> _Task goal_:
Locate every line in the records below that holds the word "centre" and return each one.

Data extracted from a collection:
- Opening Delimiter -
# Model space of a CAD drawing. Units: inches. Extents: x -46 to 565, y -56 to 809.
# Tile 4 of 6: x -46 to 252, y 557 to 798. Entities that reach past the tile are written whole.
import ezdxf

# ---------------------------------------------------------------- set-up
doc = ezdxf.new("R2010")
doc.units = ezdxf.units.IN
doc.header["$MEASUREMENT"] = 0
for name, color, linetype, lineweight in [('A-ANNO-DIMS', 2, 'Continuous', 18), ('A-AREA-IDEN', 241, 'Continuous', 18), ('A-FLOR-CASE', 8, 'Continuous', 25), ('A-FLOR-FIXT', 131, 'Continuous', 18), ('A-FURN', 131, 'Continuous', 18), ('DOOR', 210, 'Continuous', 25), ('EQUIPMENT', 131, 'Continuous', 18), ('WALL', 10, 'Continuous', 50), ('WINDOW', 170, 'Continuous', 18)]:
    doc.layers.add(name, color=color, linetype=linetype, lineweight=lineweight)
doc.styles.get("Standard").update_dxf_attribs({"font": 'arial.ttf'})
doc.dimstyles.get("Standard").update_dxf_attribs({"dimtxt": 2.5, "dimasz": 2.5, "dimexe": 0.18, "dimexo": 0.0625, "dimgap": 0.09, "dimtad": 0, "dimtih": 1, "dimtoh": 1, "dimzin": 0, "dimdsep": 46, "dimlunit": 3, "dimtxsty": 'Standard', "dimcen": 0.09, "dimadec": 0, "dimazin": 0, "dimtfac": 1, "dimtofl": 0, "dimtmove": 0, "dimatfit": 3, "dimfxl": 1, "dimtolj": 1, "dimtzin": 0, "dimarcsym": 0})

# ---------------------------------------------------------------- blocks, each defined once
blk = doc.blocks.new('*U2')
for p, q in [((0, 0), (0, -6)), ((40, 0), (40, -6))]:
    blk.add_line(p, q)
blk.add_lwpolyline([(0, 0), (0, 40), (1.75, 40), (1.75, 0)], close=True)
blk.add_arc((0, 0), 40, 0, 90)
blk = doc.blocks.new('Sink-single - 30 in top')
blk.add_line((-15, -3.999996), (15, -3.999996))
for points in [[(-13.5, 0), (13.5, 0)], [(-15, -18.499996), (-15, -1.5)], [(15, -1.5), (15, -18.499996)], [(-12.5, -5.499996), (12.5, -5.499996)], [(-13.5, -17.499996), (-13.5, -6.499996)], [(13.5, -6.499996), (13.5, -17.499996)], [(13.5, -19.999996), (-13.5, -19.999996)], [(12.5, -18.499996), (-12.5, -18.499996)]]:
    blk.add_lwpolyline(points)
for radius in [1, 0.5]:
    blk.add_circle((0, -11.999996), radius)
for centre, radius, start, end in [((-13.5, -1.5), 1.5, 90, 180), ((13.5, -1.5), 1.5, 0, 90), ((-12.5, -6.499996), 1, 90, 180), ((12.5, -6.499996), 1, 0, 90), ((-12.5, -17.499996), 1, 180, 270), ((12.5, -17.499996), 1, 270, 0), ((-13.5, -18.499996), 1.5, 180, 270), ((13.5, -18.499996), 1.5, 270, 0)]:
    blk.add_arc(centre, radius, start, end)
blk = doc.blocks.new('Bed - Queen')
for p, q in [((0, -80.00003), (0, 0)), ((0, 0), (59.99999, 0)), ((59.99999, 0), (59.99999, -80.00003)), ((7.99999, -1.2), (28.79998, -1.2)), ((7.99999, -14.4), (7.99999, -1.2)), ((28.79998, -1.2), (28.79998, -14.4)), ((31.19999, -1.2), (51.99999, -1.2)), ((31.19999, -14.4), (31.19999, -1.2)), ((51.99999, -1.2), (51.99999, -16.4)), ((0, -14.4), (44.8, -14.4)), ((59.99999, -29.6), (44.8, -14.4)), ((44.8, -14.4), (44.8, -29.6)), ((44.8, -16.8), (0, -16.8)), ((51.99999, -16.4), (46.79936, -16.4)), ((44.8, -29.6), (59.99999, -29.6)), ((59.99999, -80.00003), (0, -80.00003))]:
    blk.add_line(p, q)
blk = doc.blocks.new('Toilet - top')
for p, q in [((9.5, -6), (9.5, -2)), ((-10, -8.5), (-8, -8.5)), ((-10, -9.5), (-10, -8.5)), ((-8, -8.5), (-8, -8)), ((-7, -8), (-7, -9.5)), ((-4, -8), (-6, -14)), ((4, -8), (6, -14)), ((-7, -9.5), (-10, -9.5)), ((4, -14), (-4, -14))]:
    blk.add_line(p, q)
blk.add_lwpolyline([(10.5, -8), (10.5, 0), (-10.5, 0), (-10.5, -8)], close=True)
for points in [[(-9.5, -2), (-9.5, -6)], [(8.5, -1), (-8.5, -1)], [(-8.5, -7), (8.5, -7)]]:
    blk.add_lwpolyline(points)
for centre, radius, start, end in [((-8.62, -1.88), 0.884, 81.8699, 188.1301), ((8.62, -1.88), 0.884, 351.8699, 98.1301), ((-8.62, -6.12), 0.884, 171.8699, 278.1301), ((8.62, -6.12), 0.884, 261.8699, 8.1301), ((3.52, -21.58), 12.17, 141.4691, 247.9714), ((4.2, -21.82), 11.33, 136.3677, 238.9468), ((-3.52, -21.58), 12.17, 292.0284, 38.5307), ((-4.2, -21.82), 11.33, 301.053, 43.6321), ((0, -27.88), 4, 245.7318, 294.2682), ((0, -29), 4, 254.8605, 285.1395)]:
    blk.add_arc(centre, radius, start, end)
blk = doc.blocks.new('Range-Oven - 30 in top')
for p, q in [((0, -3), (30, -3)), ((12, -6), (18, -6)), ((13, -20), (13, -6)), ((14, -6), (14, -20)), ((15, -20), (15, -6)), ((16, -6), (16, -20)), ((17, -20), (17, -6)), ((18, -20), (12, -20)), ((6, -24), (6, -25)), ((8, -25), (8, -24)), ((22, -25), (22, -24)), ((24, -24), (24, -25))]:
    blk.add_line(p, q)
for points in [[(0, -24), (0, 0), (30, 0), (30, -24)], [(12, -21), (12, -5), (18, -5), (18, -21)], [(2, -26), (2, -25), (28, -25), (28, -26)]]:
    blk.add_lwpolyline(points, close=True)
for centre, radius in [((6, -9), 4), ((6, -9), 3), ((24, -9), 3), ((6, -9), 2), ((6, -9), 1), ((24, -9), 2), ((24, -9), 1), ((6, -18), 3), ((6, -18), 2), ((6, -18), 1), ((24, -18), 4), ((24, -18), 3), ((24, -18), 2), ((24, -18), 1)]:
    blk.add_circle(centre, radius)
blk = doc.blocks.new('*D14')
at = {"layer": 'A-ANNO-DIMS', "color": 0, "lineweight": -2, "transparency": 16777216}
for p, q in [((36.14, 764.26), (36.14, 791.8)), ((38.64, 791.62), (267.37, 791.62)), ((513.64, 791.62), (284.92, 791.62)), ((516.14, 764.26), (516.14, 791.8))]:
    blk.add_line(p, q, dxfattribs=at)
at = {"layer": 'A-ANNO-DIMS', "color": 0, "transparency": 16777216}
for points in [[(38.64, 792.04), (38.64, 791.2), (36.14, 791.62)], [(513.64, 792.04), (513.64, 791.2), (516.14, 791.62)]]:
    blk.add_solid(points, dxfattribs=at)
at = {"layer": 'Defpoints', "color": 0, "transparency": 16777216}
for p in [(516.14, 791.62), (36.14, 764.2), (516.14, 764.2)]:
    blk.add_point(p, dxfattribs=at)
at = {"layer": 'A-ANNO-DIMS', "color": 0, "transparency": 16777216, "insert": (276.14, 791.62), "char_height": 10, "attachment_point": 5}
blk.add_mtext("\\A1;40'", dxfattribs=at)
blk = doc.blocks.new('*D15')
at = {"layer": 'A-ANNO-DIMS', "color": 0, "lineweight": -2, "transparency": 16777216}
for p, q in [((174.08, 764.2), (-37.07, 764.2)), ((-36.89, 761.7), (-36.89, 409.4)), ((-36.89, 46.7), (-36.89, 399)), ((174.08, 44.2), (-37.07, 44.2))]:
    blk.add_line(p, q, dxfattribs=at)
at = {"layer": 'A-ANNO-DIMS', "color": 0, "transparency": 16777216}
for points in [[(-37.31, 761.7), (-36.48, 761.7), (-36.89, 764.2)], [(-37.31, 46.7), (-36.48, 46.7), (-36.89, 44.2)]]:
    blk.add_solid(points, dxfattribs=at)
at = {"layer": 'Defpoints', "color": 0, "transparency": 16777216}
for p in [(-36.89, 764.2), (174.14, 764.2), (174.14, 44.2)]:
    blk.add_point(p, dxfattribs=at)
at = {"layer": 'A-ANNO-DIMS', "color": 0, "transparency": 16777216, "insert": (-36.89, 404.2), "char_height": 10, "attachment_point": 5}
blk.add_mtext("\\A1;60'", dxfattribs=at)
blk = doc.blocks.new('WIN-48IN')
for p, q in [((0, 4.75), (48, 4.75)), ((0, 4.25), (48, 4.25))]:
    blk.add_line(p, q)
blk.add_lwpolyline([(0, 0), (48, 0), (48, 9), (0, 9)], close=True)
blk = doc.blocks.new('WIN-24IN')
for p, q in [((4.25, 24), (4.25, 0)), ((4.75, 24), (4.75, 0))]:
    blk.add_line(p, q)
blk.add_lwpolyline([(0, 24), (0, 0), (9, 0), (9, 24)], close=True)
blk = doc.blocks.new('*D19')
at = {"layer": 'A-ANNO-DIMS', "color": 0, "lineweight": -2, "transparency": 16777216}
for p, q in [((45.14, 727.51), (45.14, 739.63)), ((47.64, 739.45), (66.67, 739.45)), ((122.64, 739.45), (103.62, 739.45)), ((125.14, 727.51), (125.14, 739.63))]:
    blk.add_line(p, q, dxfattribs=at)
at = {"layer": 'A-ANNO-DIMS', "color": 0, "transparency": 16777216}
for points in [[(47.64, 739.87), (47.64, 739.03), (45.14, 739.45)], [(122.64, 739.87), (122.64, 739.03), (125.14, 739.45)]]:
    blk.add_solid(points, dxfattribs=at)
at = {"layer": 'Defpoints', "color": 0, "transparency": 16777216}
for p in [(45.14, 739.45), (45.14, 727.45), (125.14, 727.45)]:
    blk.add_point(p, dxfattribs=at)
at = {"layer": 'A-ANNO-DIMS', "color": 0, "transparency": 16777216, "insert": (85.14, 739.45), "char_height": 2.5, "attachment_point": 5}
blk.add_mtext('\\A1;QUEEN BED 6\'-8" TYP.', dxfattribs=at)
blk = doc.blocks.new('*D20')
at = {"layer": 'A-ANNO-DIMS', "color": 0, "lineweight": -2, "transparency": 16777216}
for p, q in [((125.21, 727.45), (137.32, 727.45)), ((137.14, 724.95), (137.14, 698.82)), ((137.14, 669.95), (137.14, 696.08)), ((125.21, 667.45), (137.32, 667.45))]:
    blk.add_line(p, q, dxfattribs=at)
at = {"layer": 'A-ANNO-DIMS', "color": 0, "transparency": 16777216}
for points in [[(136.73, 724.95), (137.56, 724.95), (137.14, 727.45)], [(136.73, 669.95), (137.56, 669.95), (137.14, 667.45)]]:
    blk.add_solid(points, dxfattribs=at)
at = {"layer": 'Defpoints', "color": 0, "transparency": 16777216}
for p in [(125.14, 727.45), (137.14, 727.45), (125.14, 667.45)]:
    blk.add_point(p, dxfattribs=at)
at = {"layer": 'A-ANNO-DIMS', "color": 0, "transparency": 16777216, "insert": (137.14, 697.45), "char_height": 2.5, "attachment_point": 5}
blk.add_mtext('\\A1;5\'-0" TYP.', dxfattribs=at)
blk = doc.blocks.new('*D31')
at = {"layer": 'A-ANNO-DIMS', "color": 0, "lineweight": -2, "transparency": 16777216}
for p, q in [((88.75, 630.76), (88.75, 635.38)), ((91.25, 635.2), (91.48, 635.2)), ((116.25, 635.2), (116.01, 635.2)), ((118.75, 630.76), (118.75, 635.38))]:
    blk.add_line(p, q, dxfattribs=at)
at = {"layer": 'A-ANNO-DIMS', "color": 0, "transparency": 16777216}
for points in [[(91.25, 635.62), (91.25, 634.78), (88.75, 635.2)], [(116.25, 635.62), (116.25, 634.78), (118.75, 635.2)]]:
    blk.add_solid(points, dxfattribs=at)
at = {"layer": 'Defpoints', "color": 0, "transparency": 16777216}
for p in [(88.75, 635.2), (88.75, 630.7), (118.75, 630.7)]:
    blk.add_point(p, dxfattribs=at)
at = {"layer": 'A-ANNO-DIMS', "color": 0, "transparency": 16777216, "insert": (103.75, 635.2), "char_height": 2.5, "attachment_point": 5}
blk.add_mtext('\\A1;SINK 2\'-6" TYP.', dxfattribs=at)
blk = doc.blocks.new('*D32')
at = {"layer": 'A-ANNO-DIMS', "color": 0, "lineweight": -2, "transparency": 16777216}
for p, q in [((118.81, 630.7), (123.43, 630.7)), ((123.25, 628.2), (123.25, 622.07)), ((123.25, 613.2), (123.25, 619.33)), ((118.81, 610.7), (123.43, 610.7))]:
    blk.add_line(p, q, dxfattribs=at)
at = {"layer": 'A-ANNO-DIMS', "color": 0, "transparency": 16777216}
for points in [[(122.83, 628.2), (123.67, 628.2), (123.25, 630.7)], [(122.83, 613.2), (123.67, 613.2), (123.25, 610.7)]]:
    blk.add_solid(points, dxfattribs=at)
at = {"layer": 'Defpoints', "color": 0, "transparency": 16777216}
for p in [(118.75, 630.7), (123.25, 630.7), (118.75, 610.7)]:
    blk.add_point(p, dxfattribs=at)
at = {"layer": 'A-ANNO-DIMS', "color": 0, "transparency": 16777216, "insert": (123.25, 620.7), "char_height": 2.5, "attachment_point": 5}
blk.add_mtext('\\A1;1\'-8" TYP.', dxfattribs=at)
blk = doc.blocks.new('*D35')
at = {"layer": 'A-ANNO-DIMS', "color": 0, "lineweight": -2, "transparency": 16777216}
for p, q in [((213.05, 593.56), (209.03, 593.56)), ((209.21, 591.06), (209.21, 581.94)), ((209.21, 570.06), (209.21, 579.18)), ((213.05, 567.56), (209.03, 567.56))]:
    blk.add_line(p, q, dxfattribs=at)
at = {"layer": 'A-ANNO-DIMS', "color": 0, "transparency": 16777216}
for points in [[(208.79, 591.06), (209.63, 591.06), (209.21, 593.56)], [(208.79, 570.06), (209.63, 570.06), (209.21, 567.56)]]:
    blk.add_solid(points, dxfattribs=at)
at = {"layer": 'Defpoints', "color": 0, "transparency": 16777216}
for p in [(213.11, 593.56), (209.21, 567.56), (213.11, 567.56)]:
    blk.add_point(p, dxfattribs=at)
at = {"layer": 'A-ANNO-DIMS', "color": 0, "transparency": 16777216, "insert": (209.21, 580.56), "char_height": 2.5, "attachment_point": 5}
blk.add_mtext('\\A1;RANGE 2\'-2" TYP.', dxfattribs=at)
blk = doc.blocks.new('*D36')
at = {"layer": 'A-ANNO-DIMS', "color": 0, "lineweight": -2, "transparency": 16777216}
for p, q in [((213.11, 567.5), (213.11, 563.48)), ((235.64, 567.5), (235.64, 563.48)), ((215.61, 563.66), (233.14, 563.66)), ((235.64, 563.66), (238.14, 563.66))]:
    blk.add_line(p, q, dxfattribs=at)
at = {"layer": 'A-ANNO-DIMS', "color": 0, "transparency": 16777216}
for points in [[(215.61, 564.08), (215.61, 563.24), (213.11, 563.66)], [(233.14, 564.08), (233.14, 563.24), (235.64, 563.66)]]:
- Closing Delimiter -
> _Worked solution_:
for centre, radius, start, end in [((-13.5, -1.5), 1.5, 90, 180), ((13.5, -1.5), 1.5, 0, 90), ((-12.5, -6.499996), 1, 90, 180), ((12.5, -6.499996), 1, 0, 90), ((-12.5, -17.499996), 1, 180, 270), ((12.5, -17.499996), 1, 270, 0), ((-13.5, -18.499996), 1.5, 180, 270), ((13.5, -18.499996), 1.5, 270, 0)]:
    blk.add_arc(centre, radius, start, end)
for centre, radius, start, end in [((-8.62, -1.88), 0.884, 81.8699, 188.1301), ((8.62, -1.88), 0.884, 351.8699, 98.1301), ((-8.62, -6.12), 0.884, 171.8699, 278.1301), ((8.62, -6.12), 0.884, 261.8699, 8.1301), ((3.52, -21.58), 12.17, 141.4691, 247.9714), ((4.2, -21.82), 11.33, 136.3677, 238.9468), ((-3.52, -21.58), 12.17, 292.0284, 38.5307), ((-4.2, -21.82), 11.33, 301.053, 43.6321), ((0, -27.88), 4, 245.7318, 294.2682), ((0, -29), 4, 254.8605, 285.1395)]:
    blk.add_arc(centre, radius, start, end)
for centre, radius in [((6, -9), 4), ((6, -9), 3), ((24, -9), 3), ((6, -9), 2), ((6, -9), 1), ((24, -9), 2), ((24, -9), 1), ((6, -18), 3), ((6, -18), 2), ((6, -18), 1), ((24, -18), 4), ((24, -18), 3), ((24, -18), 2), ((24, -18), 1)]:
    blk.add_circle(centre, radius)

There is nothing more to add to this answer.